* _Input for this task_
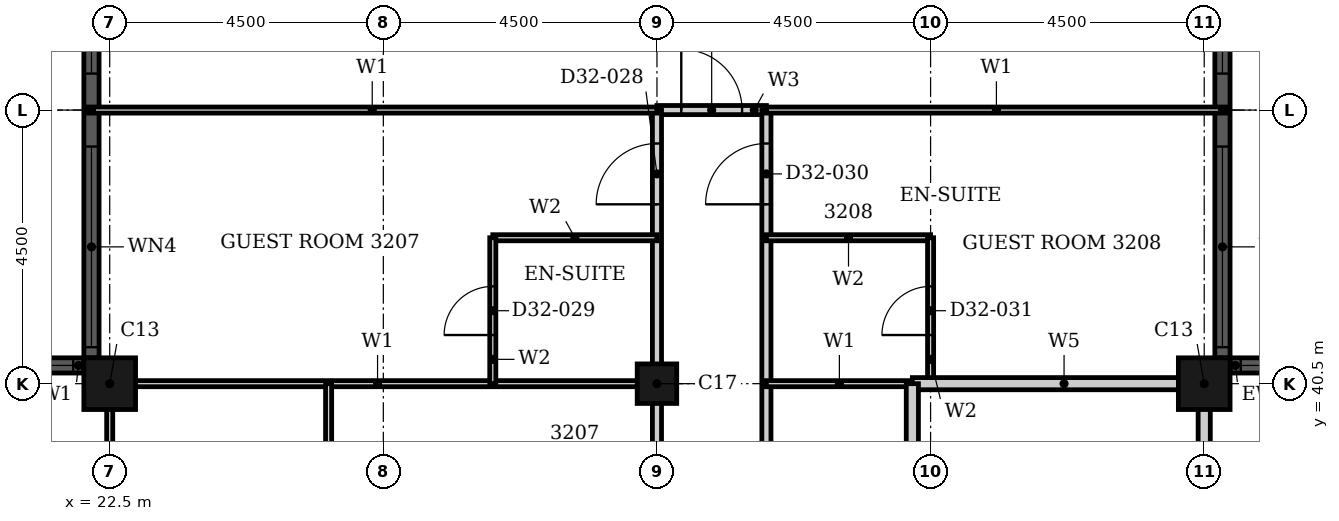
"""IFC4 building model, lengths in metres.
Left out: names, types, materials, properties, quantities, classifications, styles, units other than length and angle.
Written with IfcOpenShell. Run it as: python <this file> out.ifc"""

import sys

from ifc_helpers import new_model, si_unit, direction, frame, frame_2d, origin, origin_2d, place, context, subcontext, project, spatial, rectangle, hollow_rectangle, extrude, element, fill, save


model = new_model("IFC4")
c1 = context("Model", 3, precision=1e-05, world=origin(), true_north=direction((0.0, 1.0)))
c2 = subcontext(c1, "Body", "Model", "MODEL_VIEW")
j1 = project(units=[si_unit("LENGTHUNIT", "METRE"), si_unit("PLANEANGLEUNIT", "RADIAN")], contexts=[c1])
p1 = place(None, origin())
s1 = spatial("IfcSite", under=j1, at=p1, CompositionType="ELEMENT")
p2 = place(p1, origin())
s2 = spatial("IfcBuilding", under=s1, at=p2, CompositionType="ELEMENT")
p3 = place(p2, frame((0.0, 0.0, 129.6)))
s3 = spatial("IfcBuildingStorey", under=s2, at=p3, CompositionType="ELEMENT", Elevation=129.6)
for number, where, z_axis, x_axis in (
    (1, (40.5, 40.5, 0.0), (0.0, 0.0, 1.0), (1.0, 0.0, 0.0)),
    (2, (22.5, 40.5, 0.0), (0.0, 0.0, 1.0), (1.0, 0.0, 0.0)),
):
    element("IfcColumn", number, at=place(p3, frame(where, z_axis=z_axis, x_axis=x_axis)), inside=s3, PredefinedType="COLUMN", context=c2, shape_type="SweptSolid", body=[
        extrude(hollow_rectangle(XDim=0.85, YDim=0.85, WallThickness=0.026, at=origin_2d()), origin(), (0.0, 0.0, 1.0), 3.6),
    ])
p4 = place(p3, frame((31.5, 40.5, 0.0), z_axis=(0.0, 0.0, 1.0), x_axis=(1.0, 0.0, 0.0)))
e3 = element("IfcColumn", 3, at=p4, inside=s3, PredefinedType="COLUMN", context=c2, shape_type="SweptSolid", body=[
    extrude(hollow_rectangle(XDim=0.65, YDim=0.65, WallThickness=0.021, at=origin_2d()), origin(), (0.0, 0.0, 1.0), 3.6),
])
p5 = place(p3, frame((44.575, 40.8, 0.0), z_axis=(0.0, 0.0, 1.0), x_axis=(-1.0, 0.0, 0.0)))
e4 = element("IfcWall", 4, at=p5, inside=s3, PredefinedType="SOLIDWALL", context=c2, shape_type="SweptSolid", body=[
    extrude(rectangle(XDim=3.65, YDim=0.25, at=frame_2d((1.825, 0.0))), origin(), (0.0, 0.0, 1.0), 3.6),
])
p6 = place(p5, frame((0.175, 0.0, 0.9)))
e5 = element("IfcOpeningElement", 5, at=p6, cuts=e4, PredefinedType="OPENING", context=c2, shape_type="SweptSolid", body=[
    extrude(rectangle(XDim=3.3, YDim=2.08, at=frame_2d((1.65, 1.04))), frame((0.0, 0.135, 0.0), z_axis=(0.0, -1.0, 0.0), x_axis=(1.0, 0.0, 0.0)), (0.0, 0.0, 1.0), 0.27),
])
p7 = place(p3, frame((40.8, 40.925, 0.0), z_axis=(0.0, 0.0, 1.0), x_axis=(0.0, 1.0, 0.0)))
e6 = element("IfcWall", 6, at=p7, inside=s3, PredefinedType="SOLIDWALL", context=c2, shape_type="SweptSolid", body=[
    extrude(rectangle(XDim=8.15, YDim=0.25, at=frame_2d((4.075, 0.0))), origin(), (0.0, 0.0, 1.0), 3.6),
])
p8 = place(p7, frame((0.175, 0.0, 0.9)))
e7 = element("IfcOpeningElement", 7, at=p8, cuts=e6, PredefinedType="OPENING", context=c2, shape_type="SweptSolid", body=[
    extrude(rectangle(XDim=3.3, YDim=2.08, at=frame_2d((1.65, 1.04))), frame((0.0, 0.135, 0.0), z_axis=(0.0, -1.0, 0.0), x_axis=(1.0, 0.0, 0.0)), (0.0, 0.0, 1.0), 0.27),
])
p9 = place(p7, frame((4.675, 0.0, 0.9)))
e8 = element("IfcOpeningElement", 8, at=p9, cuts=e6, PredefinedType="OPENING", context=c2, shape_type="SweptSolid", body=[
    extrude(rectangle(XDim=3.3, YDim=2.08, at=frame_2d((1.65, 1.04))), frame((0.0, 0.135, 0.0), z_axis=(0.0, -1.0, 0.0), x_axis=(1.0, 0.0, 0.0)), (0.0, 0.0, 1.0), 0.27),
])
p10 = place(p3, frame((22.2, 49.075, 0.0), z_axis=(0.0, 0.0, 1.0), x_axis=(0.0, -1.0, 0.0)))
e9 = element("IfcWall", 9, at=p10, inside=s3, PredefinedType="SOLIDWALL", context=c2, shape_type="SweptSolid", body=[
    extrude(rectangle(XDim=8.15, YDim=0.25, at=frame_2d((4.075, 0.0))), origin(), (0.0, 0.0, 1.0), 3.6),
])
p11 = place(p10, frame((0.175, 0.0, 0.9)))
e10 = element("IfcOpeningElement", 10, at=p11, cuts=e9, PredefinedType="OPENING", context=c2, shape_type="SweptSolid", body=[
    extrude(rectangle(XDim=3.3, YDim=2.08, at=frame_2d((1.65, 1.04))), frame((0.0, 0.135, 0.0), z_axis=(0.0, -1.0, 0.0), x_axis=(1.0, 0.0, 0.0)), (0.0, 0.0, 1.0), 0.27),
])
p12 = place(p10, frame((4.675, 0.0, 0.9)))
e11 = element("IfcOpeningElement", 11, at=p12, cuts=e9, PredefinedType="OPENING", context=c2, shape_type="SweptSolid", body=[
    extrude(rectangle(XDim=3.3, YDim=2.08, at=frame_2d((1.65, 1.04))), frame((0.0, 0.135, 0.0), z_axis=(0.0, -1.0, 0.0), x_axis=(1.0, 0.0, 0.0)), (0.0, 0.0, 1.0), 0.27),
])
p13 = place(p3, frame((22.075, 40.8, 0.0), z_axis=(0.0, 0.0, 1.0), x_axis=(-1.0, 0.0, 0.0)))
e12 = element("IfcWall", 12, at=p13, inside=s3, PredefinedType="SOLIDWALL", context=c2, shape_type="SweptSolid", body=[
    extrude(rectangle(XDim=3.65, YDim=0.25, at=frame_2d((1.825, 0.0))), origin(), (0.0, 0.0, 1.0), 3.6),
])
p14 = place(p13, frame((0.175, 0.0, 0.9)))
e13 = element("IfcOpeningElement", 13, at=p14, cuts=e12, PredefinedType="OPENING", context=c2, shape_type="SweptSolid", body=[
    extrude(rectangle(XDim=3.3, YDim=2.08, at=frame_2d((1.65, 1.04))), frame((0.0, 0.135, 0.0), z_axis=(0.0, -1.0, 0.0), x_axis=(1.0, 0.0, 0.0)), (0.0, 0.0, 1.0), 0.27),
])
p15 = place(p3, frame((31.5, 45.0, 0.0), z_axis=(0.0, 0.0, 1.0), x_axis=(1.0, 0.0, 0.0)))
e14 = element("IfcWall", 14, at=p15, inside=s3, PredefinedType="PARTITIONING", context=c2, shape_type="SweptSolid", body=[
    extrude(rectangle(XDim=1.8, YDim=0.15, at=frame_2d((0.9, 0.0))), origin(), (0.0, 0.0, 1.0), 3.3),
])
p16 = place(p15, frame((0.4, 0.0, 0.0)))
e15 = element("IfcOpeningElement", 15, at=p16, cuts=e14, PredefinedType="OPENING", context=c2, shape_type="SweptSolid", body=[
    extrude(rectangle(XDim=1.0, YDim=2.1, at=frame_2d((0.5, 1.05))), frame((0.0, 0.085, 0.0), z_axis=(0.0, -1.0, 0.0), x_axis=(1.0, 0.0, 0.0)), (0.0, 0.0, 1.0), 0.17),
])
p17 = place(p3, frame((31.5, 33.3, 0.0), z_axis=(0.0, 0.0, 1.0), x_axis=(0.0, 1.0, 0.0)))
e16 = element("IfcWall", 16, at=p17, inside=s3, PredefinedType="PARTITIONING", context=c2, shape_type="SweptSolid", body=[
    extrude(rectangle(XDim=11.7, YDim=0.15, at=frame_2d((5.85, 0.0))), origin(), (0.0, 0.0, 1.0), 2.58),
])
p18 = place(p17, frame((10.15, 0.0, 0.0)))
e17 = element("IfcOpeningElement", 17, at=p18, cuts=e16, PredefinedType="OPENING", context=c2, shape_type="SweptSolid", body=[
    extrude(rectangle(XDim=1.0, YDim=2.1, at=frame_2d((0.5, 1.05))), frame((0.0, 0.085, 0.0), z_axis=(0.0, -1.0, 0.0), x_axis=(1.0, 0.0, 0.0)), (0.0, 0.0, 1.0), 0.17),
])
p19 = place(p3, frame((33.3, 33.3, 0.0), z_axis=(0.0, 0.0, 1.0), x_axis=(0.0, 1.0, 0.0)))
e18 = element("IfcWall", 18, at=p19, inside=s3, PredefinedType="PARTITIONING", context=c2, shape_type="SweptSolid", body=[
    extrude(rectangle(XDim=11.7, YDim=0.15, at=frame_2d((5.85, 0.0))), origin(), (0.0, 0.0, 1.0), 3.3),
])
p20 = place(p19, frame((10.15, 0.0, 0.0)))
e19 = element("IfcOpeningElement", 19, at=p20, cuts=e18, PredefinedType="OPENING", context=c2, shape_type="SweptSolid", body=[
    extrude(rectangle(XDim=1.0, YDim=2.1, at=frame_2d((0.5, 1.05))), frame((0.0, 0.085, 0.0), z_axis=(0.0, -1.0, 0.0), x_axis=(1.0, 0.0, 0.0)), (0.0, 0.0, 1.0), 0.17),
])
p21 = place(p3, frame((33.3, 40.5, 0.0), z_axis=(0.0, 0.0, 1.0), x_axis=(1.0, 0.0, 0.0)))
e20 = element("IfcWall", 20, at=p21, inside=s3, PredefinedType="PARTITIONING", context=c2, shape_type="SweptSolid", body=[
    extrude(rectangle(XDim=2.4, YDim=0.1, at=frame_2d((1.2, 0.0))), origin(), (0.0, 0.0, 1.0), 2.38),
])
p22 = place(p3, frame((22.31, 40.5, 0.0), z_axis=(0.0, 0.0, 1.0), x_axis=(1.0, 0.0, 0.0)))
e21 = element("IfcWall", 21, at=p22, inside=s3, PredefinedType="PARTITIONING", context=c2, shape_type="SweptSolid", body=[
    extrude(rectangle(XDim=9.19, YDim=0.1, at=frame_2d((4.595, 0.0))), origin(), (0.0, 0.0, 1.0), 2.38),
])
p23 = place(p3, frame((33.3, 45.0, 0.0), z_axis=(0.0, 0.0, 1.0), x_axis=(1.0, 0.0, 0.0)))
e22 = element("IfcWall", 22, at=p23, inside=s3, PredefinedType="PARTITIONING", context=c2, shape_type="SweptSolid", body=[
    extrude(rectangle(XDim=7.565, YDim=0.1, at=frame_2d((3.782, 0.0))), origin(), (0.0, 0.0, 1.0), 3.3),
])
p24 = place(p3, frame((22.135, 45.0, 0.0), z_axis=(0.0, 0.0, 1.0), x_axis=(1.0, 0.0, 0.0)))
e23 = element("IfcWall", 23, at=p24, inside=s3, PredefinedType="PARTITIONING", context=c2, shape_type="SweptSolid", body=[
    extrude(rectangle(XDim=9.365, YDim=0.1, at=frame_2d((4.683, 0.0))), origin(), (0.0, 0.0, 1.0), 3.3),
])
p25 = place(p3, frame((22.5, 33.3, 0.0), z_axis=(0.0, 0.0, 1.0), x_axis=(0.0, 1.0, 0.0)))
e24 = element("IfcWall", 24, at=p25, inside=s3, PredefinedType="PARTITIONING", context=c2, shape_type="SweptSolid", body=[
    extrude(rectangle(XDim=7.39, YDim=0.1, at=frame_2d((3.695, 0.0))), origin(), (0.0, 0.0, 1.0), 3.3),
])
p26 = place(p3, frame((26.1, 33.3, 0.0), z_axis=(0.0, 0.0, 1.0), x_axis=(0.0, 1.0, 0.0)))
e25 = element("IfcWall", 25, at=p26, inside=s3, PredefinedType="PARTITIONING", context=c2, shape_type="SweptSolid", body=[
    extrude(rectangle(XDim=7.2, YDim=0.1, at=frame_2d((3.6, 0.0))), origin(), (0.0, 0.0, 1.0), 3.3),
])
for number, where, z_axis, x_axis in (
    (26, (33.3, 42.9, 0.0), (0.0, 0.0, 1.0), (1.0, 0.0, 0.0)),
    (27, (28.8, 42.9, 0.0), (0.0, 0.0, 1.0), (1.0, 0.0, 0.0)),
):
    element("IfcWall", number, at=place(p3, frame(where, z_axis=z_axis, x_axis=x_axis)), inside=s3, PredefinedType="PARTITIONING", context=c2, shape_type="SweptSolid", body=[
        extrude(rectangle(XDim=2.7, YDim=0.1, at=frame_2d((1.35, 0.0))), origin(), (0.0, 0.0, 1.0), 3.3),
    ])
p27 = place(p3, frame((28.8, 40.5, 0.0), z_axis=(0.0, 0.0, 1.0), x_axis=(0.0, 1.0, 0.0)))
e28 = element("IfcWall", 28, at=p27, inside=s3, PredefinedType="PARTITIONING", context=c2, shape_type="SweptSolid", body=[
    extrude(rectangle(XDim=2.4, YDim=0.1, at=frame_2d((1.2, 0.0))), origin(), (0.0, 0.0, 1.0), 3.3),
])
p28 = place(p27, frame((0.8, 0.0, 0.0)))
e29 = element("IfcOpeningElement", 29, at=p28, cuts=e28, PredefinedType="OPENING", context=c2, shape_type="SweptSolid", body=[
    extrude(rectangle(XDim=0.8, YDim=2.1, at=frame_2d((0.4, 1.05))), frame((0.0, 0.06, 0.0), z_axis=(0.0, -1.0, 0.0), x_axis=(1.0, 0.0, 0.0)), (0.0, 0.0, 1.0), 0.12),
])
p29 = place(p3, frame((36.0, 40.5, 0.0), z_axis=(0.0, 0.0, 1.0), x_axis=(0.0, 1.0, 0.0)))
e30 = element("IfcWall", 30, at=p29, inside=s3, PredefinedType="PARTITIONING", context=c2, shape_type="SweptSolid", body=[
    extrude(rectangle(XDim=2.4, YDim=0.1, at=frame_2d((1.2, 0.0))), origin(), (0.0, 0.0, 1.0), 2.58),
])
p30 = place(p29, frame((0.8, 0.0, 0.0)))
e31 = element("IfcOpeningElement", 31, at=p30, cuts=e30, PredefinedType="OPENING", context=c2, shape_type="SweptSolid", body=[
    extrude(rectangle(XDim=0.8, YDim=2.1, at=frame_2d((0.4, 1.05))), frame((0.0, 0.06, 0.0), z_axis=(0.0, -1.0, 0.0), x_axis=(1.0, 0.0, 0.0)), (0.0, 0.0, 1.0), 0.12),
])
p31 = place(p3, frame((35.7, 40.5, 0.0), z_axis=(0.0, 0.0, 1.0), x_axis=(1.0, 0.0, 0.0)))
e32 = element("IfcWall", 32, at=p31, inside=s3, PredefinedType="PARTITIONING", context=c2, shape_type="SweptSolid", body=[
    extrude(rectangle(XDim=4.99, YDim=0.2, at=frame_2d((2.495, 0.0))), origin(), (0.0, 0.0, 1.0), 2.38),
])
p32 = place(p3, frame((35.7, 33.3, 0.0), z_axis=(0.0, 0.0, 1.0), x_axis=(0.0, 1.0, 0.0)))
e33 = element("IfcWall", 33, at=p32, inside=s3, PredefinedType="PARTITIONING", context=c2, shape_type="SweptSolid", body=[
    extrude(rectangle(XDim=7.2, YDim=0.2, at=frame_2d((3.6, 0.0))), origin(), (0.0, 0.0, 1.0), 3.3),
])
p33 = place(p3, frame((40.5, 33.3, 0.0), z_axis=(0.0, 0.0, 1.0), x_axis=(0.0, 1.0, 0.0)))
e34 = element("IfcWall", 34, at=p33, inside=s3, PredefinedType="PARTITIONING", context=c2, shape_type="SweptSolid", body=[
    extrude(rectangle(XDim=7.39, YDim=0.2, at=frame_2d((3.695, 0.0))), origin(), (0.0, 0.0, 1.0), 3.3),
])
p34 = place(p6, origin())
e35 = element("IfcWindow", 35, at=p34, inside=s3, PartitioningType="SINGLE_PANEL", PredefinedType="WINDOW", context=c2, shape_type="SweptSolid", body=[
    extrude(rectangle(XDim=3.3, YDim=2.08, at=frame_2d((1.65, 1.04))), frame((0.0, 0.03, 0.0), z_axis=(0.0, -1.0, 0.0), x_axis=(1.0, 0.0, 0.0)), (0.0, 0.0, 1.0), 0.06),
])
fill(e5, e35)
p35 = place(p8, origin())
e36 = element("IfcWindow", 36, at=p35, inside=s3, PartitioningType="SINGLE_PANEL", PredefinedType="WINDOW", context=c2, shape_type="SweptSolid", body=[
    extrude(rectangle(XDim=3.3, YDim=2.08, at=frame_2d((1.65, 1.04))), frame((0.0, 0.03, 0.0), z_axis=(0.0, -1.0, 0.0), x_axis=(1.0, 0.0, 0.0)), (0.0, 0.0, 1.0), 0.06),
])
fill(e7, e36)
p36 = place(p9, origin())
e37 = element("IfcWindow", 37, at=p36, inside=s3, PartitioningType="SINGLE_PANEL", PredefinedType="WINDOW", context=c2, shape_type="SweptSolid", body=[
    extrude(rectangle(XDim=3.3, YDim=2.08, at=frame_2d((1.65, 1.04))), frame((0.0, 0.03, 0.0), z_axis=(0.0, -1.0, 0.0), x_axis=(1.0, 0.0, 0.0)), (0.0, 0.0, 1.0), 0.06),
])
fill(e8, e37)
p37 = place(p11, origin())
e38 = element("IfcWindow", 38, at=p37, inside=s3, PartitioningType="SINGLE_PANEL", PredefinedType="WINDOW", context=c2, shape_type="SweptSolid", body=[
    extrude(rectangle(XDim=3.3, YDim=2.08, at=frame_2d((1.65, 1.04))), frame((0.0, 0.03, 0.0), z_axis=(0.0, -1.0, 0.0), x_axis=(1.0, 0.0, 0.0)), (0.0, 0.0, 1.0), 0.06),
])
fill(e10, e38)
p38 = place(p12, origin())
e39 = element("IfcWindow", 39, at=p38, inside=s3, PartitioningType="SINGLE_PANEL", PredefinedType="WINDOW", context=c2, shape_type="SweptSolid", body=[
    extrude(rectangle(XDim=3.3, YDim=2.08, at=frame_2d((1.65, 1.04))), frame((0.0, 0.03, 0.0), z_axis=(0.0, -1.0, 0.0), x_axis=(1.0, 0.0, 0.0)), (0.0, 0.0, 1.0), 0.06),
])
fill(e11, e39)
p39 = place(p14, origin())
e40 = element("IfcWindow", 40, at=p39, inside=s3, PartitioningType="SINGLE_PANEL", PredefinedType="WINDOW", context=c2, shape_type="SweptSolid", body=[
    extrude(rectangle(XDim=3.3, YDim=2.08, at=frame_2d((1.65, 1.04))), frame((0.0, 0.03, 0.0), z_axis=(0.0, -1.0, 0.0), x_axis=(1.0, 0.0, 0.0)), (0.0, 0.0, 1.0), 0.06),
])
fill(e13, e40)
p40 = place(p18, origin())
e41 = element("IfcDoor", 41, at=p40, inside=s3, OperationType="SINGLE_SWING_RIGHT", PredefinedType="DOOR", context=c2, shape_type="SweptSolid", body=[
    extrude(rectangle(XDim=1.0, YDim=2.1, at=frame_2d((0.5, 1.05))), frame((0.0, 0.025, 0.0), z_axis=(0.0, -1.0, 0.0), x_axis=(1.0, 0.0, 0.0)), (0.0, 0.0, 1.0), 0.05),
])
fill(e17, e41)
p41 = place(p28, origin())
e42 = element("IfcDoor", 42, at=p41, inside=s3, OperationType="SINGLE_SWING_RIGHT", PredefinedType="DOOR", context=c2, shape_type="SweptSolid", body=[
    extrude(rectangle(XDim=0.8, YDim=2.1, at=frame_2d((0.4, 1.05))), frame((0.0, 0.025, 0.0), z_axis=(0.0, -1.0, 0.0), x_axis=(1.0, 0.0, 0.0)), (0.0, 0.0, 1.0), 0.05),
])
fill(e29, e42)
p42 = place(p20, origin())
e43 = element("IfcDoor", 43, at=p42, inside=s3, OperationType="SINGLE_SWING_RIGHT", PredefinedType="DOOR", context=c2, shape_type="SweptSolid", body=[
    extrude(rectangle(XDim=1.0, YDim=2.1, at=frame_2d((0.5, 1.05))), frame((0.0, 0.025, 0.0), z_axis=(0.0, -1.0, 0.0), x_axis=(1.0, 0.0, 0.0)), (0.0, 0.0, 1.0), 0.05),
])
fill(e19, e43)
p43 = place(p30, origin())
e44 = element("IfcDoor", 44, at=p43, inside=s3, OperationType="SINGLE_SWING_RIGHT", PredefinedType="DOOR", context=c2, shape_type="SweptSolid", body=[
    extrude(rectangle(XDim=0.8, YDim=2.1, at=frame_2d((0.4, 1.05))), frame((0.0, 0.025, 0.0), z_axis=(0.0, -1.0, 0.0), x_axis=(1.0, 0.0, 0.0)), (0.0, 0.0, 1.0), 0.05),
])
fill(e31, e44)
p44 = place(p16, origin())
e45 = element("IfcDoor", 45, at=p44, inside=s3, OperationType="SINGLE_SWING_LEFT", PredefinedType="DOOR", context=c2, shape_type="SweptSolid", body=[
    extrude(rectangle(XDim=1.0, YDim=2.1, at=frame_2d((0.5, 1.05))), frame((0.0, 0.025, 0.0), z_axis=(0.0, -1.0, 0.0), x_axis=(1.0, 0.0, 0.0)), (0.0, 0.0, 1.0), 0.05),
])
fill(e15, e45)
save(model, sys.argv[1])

* _What to do_
Among the records above, only the lines between the line holding "p34 = place(p6, origin())" and the line holding "p35 = place(p8, origin())", inclusive, are to be output, exactly as written.

* _Task answer_
p34 = place(p6, origin())
e35 = element("IfcWindow", 35, at=p34, inside=s3, PartitioningType="SINGLE_PANEL", PredefinedType="WINDOW", context=c2, shape_type="SweptSolid", body=[
    extrude(rectangle(XDim=3.3, YDim=2.08, at=frame_2d((1.65, 1.04))), frame((0.0, 0.03, 0.0), z_axis=(0.0, -1.0, 0.0), x_axis=(1.0, 0.0, 0.0)), (0.0, 0.0, 1.0), 0.06),
])
fill(e5, e35)
p35 = place(p8, origin())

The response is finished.